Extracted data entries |
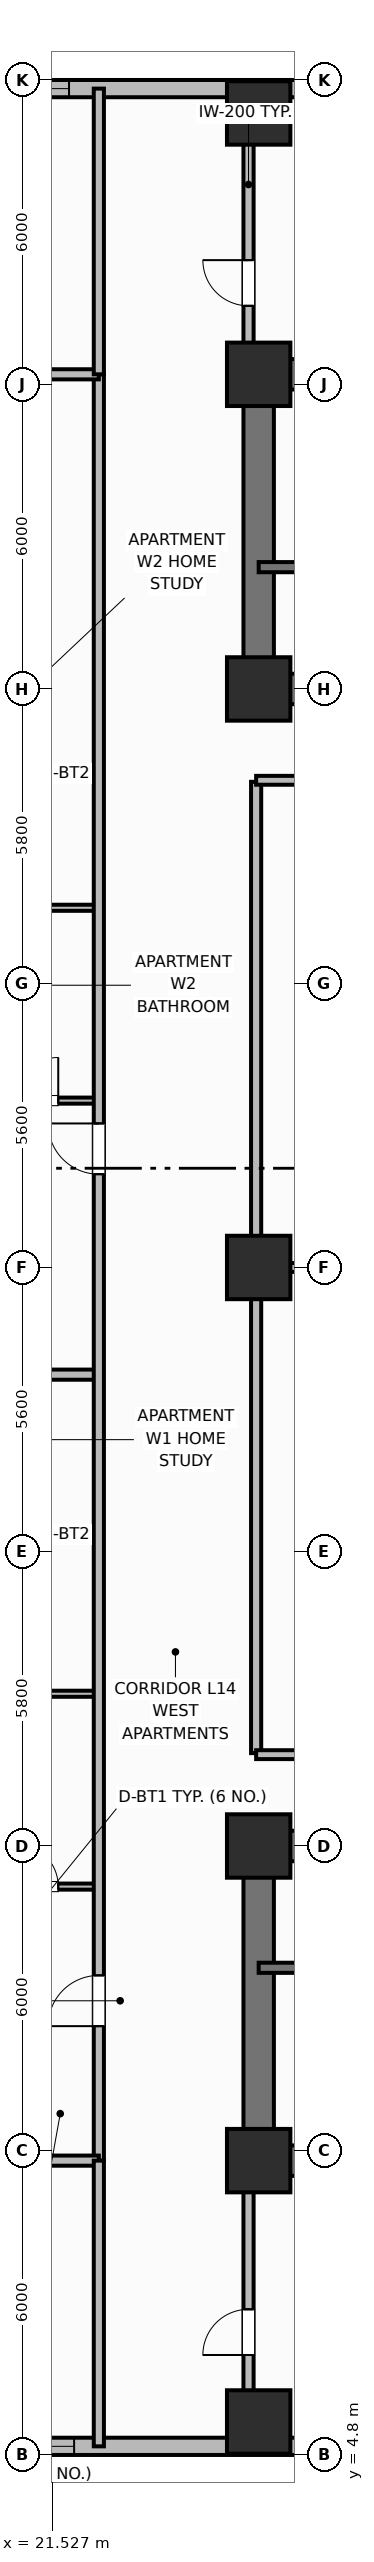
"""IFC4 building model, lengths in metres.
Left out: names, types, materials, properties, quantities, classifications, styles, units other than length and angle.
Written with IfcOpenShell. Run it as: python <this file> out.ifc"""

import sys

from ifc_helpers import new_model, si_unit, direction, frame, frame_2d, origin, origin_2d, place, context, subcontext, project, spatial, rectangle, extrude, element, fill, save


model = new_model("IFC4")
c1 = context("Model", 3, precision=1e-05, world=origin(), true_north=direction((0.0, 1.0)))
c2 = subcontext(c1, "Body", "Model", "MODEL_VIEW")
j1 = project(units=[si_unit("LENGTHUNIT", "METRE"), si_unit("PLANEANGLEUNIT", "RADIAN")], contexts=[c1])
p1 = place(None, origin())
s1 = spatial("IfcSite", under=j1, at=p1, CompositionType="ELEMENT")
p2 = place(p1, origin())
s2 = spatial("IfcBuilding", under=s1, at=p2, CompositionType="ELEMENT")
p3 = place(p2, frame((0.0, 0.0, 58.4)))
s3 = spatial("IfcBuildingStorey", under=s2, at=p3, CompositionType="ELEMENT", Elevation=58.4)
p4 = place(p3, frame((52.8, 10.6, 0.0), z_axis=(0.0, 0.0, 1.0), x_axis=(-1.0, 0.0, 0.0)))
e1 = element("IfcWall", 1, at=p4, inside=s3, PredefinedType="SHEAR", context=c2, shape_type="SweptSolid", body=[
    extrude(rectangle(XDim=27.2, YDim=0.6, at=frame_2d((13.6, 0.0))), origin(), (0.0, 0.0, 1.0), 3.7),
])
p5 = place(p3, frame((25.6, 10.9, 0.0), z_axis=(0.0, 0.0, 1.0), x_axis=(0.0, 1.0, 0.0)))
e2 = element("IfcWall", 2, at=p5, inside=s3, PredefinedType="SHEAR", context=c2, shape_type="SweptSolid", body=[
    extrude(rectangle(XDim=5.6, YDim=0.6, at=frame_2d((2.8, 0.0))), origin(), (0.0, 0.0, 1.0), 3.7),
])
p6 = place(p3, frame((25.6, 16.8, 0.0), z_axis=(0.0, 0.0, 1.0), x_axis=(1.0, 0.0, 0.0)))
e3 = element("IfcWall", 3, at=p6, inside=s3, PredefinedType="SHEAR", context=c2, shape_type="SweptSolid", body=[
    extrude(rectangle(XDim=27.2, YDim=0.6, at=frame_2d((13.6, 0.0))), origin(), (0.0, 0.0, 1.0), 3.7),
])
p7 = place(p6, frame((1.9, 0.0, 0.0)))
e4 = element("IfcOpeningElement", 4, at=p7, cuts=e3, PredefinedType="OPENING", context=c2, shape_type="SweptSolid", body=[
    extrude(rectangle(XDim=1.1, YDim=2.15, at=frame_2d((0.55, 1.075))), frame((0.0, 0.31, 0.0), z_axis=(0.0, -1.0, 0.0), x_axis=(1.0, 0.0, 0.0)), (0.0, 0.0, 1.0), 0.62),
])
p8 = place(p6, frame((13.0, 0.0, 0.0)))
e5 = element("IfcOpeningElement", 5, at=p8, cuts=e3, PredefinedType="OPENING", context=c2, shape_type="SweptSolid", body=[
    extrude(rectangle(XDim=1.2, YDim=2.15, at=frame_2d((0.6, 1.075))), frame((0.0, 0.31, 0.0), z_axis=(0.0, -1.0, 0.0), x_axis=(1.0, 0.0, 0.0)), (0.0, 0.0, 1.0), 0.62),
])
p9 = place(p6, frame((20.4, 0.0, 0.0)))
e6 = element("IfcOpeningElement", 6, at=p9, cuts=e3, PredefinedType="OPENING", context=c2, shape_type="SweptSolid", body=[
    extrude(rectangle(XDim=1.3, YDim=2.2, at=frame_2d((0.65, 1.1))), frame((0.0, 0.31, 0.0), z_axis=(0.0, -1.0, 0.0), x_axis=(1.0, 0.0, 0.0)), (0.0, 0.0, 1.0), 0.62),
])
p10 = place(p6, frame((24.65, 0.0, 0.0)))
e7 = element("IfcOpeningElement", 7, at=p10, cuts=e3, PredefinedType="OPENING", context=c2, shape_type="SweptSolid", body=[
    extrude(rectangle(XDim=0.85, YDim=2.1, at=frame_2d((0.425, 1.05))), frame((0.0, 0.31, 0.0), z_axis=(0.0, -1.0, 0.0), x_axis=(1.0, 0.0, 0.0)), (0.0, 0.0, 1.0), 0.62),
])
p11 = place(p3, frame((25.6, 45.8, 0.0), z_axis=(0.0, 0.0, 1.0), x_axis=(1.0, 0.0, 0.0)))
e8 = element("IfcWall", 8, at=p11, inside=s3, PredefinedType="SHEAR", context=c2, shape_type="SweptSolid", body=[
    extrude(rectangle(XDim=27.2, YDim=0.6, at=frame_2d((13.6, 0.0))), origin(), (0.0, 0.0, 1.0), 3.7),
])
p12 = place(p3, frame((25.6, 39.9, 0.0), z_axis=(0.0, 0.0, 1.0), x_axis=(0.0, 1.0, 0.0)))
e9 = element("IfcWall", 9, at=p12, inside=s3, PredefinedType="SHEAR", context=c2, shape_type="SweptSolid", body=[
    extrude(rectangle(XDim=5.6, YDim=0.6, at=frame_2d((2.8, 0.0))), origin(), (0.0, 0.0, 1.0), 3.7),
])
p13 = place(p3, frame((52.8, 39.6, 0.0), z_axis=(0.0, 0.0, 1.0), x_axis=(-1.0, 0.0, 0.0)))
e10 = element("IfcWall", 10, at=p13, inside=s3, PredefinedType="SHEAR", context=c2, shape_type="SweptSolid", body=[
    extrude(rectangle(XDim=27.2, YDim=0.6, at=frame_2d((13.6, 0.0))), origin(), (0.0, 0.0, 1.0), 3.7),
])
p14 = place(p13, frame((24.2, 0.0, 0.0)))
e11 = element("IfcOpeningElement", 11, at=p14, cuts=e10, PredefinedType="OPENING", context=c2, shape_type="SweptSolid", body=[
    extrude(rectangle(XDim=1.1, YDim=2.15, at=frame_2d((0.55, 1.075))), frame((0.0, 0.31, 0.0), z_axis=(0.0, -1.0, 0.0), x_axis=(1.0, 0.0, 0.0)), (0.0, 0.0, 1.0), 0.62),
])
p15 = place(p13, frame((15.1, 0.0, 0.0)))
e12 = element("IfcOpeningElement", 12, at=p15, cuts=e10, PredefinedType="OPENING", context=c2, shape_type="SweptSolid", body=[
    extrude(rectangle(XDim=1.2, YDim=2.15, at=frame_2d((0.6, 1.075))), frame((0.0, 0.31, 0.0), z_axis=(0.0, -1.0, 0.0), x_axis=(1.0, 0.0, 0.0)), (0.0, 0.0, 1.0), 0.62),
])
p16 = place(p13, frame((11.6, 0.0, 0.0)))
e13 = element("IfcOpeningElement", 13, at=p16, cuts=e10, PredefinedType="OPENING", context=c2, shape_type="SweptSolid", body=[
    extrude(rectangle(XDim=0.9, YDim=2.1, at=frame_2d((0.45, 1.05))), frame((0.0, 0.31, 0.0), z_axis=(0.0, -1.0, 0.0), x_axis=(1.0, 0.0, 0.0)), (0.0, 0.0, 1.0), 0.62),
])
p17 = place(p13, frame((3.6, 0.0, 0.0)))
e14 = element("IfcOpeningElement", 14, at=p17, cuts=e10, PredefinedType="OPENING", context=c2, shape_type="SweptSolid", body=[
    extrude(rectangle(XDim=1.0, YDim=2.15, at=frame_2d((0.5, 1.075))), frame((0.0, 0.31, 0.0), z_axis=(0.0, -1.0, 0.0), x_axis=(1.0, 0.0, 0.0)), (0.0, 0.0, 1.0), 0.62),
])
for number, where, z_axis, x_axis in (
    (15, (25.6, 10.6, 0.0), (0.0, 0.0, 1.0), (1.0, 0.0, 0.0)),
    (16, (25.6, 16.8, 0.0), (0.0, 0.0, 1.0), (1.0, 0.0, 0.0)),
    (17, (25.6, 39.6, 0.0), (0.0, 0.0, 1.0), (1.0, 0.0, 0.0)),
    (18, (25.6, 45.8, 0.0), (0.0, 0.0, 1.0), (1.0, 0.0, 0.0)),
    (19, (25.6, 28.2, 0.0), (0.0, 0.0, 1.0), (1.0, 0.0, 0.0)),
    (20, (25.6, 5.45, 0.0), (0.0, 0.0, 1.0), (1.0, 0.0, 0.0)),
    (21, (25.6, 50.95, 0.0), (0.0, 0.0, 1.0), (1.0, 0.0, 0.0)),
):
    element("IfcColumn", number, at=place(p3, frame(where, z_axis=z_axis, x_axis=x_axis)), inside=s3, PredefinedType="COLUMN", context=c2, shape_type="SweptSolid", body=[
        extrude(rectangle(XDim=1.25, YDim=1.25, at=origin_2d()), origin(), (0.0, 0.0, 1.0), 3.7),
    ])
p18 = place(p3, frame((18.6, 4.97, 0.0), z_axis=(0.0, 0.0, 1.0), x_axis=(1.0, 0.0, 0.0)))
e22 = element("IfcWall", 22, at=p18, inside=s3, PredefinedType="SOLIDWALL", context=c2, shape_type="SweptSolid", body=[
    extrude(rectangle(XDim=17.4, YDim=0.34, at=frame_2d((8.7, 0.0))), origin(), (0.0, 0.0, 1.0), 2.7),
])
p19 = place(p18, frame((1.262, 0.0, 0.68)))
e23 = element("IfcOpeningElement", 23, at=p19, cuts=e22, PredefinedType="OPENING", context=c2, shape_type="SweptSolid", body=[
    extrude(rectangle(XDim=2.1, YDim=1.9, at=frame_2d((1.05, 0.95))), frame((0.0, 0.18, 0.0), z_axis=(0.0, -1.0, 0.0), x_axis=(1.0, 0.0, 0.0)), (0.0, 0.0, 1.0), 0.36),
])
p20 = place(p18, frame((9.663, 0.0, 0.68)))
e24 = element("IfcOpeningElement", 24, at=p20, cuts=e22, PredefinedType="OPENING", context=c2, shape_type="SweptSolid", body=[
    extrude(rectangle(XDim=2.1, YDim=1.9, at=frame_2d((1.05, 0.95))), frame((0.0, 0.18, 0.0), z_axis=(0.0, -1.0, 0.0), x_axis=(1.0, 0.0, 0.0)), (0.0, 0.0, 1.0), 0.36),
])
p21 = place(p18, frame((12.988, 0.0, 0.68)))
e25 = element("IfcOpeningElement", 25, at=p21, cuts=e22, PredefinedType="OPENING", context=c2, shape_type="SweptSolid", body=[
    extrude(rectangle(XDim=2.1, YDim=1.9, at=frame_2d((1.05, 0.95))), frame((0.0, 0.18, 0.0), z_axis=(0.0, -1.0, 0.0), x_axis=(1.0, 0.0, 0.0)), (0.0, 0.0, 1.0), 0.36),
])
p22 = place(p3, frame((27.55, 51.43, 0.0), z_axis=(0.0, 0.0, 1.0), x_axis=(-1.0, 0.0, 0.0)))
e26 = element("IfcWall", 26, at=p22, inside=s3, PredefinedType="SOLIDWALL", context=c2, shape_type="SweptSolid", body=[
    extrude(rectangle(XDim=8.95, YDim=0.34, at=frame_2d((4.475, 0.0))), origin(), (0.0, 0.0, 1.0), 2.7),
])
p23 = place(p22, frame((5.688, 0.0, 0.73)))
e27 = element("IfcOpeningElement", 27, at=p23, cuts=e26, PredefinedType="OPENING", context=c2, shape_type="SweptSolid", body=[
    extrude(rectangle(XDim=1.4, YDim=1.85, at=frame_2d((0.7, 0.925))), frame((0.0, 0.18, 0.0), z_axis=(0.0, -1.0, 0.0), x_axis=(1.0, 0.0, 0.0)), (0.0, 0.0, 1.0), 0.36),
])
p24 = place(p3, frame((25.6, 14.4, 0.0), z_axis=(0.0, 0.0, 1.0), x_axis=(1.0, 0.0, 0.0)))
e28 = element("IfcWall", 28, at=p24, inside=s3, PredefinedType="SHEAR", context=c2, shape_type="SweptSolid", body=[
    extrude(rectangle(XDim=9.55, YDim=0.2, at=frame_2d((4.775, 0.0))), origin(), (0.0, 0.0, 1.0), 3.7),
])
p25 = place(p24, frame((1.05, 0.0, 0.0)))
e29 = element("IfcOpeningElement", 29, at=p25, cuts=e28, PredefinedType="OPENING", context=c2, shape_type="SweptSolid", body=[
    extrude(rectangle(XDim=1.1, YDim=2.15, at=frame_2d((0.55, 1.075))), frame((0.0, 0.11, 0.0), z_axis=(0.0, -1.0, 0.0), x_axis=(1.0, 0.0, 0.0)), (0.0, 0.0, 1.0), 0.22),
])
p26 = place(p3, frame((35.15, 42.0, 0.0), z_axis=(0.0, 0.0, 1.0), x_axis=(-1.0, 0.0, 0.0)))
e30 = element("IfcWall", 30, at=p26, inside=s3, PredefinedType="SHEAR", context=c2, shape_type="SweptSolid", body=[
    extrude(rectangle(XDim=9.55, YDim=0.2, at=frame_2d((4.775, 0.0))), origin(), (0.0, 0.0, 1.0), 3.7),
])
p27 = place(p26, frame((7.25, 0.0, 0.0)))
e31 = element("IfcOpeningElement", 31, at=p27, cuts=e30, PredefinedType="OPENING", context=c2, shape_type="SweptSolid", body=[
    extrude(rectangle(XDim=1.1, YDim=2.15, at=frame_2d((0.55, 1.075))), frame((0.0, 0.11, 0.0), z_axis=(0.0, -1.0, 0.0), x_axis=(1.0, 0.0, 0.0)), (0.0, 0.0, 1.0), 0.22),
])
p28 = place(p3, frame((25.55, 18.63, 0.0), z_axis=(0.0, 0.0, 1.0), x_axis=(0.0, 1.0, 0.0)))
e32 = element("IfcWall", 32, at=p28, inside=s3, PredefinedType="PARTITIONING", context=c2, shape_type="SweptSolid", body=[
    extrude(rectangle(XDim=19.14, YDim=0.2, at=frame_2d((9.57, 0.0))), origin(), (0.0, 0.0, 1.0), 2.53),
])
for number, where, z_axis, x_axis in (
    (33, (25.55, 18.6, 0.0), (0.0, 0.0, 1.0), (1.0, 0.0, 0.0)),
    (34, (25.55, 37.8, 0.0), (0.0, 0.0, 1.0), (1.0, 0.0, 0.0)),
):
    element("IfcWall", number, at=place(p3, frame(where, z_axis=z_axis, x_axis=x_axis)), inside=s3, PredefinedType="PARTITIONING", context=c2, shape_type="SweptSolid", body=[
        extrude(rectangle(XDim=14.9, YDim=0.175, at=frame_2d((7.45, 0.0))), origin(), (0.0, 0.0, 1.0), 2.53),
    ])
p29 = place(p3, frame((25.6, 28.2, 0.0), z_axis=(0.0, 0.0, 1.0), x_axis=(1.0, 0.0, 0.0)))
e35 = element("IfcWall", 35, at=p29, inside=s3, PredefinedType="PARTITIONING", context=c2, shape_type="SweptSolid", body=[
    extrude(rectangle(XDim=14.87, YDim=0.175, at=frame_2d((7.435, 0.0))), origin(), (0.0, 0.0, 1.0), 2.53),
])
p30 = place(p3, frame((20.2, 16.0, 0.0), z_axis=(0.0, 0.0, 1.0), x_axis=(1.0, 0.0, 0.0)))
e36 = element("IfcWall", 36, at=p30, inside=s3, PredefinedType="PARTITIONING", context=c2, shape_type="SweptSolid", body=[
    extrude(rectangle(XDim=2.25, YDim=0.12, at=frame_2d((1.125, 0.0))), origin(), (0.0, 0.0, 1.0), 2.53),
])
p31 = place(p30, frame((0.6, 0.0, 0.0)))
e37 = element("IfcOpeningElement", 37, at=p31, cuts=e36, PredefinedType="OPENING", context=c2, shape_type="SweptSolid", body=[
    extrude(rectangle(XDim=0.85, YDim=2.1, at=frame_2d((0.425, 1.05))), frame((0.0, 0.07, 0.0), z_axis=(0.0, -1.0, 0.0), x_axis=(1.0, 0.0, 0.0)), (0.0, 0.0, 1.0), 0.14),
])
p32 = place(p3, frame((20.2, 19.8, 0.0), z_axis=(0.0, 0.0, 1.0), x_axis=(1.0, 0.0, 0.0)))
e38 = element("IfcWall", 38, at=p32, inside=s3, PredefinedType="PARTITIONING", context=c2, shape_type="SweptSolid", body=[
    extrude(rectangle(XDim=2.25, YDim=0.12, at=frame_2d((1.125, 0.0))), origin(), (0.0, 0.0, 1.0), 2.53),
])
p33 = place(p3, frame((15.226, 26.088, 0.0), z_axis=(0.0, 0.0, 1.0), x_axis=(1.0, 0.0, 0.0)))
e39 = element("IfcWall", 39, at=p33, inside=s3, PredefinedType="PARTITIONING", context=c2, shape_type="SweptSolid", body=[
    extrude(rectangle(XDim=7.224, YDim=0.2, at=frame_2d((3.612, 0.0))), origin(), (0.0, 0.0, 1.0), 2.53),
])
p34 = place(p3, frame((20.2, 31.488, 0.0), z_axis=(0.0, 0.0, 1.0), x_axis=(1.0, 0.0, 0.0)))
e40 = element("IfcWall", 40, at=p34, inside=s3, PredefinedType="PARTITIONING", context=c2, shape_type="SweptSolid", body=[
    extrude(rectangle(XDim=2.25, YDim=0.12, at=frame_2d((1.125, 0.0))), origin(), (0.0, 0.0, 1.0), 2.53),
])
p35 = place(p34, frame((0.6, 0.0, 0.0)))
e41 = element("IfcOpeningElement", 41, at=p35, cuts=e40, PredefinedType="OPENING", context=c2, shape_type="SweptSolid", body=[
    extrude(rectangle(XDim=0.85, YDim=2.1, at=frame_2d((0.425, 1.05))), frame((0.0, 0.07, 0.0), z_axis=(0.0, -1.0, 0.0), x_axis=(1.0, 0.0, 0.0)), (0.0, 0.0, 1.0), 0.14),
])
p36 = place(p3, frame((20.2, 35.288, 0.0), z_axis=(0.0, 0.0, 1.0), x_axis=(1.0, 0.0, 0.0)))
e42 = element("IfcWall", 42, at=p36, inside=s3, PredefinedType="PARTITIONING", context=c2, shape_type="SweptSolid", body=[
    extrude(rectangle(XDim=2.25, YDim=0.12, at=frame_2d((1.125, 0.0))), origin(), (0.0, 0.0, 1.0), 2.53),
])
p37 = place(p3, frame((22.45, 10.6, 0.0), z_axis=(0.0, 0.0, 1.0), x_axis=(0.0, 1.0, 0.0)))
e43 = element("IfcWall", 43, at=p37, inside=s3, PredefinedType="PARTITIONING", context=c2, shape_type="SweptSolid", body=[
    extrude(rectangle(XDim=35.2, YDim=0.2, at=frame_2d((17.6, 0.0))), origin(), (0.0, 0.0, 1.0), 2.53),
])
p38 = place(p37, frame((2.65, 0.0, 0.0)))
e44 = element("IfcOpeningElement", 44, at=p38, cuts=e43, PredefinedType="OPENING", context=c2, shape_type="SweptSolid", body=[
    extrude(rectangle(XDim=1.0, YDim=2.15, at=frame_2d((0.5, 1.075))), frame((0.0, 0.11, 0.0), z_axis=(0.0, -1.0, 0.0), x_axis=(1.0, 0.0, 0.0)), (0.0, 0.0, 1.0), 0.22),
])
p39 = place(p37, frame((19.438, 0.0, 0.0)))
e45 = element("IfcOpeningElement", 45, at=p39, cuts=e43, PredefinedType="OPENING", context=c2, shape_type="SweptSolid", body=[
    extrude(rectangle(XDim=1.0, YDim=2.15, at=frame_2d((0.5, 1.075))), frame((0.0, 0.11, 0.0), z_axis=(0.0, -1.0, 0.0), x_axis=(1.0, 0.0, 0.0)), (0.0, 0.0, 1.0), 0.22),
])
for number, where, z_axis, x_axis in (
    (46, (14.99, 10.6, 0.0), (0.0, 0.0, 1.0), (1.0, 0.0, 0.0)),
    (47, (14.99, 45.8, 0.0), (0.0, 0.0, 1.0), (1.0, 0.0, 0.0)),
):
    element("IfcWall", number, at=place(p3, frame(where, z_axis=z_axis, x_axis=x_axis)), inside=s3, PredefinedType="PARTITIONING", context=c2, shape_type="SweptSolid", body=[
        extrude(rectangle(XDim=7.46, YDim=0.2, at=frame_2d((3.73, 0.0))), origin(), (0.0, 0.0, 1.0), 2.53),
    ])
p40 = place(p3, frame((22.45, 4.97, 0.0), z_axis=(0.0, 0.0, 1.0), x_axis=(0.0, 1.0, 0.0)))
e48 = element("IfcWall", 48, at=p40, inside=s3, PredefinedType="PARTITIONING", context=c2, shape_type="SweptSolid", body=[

WHAT IS EXPECTED |
Find the lines above that contain the word "direction" and collect them.

REPLY |
from ifc_helpers import new_model, si_unit, direction, frame, frame_2d, origin, origin_2d, place, context, subcontext, project, spatial, rectangle, extrude, element, fill, save
c1 = context("Model", 3, precision=1e-05, world=origin(), true_north=direction((0.0, 1.0)))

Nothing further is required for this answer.